▶ **Assignment**: Give back every entry precisely as written, without any of the images.

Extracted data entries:

########################################

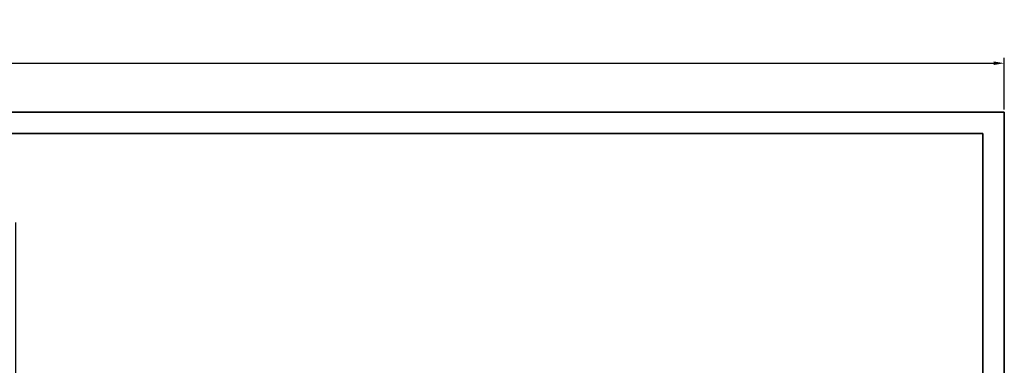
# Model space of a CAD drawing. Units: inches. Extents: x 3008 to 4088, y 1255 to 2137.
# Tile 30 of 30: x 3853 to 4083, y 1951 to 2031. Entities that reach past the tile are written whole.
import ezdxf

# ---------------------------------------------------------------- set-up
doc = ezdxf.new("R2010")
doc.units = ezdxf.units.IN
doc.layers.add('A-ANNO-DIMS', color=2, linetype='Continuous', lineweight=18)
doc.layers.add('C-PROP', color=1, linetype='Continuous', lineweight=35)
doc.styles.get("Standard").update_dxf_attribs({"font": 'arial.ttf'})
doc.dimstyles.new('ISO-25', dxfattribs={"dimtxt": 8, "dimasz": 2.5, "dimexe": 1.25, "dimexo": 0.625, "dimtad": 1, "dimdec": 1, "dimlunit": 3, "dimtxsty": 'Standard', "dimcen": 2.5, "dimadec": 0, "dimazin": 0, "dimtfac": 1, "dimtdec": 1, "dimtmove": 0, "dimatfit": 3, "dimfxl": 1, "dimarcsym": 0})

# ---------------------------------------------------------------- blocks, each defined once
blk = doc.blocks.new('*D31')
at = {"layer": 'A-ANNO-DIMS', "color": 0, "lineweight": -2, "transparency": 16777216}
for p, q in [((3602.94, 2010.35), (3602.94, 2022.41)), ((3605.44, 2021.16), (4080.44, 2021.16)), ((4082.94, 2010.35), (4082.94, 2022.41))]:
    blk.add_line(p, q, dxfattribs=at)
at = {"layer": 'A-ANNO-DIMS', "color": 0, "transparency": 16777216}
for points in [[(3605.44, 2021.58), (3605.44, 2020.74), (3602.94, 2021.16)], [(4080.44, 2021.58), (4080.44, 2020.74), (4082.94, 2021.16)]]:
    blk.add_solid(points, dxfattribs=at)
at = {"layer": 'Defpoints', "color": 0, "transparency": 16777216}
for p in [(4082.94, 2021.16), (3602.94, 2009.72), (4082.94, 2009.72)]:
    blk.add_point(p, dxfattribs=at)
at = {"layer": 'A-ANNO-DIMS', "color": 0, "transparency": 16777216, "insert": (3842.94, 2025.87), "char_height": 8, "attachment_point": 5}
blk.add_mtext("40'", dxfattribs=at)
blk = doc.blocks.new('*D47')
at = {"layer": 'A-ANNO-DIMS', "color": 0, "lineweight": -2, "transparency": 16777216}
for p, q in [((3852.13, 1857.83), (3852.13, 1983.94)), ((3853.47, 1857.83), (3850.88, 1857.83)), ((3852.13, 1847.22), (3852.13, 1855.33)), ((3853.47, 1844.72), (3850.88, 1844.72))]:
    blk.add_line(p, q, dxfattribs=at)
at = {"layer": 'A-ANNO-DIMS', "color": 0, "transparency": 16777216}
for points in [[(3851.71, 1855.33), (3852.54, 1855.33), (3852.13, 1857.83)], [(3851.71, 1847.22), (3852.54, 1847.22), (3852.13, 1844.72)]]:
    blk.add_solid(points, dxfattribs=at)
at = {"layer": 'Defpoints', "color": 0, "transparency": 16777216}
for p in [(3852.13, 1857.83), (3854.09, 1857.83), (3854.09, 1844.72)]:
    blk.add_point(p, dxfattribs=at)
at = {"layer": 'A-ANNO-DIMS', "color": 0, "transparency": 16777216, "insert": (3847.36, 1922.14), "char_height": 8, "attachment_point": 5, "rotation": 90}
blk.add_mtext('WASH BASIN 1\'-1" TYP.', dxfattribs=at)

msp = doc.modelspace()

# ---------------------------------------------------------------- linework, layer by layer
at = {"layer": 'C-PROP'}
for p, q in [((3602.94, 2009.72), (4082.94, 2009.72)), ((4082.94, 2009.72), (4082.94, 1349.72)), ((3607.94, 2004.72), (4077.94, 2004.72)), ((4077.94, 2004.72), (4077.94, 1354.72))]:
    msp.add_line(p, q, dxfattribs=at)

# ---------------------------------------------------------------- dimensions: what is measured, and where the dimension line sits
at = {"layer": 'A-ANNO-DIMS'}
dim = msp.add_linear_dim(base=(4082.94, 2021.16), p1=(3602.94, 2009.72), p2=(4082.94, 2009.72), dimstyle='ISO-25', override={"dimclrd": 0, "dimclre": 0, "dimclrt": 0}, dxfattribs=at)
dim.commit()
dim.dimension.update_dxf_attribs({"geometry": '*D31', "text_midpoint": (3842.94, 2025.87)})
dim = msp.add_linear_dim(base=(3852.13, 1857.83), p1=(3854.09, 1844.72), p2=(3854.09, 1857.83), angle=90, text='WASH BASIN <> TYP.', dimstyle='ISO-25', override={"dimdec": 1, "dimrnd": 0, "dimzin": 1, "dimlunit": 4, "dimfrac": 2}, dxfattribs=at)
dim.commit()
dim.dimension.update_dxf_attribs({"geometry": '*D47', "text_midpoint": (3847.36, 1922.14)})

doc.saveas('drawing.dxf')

########################################

▶ **Answer**:
# Model space of a CAD drawing. Units: inches. Extents: x 3008 to 4088, y 1255 to 2137.
# Tile 30 of 30: x 3853 to 4083, y 1951 to 2031. Entities that reach past the tile are written whole.
import ezdxf

# ---------------------------------------------------------------- set-up
doc = ezdxf.new("R2010")
doc.units = ezdxf.units.IN
doc.layers.add('A-ANNO-DIMS', color=2, linetype='Continuous', lineweight=18)
doc.layers.add('C-PROP', color=1, linetype='Continuous', lineweight=35)
doc.styles.get("Standard").update_dxf_attribs({"font": 'arial.ttf'})
doc.dimstyles.new('ISO-25', dxfattribs={"dimtxt": 8, "dimasz": 2.5, "dimexe": 1.25, "dimexo": 0.625, "dimtad": 1, "dimdec": 1, "dimlunit": 3, "dimtxsty": 'Standard', "dimcen": 2.5, "dimadec": 0, "dimazin": 0, "dimtfac": 1, "dimtdec": 1, "dimtmove": 0, "dimatfit": 3, "dimfxl": 1, "dimarcsym": 0})

# ---------------------------------------------------------------- blocks, each defined once
blk = doc.blocks.new('*D31')
at = {"layer": 'A-ANNO-DIMS', "color": 0, "lineweight": -2, "transparency": 16777216}
for p, q in [((3602.94, 2010.35), (3602.94, 2022.41)), ((3605.44, 2021.16), (4080.44, 2021.16)), ((4082.94, 2010.35), (4082.94, 2022.41))]:
    blk.add_line(p, q, dxfattribs=at)
at = {"layer": 'A-ANNO-DIMS', "color": 0, "transparency": 16777216}
for points in [[(3605.44, 2021.58), (3605.44, 2020.74), (3602.94, 2021.16)], [(4080.44, 2021.58), (4080.44, 2020.74), (4082.94, 2021.16)]]:
    blk.add_solid(points, dxfattribs=at)
at = {"layer": 'Defpoints', "color": 0, "transparency": 16777216}
for p in [(4082.94, 2021.16), (3602.94, 2009.72), (4082.94, 2009.72)]:
    blk.add_point(p, dxfattribs=at)
at = {"layer": 'A-ANNO-DIMS', "color": 0, "transparency": 16777216, "insert": (3842.94, 2025.87), "char_height": 8, "attachment_point": 5}
blk.add_mtext("40'", dxfattribs=at)
blk = doc.blocks.new('*D47')
at = {"layer": 'A-ANNO-DIMS', "color": 0, "lineweight": -2, "transparency": 16777216}
for p, q in [((3852.13, 1857.83), (3852.13, 1983.94)), ((3853.47, 1857.83), (3850.88, 1857.83)), ((3852.13, 1847.22), (3852.13, 1855.33)), ((3853.47, 1844.72), (3850.88, 1844.72))]:
    blk.add_line(p, q, dxfattribs=at)
at = {"layer": 'A-ANNO-DIMS', "color": 0, "transparency": 16777216}
for points in [[(3851.71, 1855.33), (3852.54, 1855.33), (3852.13, 1857.83)], [(3851.71, 1847.22), (3852.54, 1847.22), (3852.13, 1844.72)]]:
    blk.add_solid(points, dxfattribs=at)
at = {"layer": 'Defpoints', "color": 0, "transparency": 16777216}
for p in [(3852.13, 1857.83), (3854.09, 1857.83), (3854.09, 1844.72)]:
    blk.add_point(p, dxfattribs=at)
at = {"layer": 'A-ANNO-DIMS', "color": 0, "transparency": 16777216, "insert": (3847.36, 1922.14), "char_height": 8, "attachment_point": 5, "rotation": 90}
blk.add_mtext('WASH BASIN 1\'-1" TYP.', dxfattribs=at)

msp = doc.modelspace()

# ---------------------------------------------------------------- linework, layer by layer
at = {"layer": 'C-PROP'}
for p, q in [((3602.94, 2009.72), (4082.94, 2009.72)), ((4082.94, 2009.72), (4082.94, 1349.72)), ((3607.94, 2004.72), (4077.94, 2004.72)), ((4077.94, 2004.72), (4077.94, 1354.72))]:
    msp.add_line(p, q, dxfattribs=at)

# ---------------------------------------------------------------- dimensions: what is measured, and where the dimension line sits
at = {"layer": 'A-ANNO-DIMS'}
dim = msp.add_linear_dim(base=(4082.94, 2021.16), p1=(3602.94, 2009.72), p2=(4082.94, 2009.72), dimstyle='ISO-25', override={"dimclrd": 0, "dimclre": 0, "dimclrt": 0}, dxfattribs=at)
dim.commit()
dim.dimension.update_dxf_attribs({"geometry": '*D31', "text_midpoint": (3842.94, 2025.87)})
dim = msp.add_linear_dim(base=(3852.13, 1857.83), p1=(3854.09, 1844.72), p2=(3854.09, 1857.83), angle=90, text='WASH BASIN <> TYP.', dimstyle='ISO-25', override={"dimdec": 1, "dimrnd": 0, "dimzin": 1, "dimlunit": 4, "dimfrac": 2}, dxfattribs=at)
dim.commit()
dim.dimension.update_dxf_attribs({"geometry": '*D47', "text_midpoint": (3847.36, 1922.14)})

doc.saveas('drawing.dxf')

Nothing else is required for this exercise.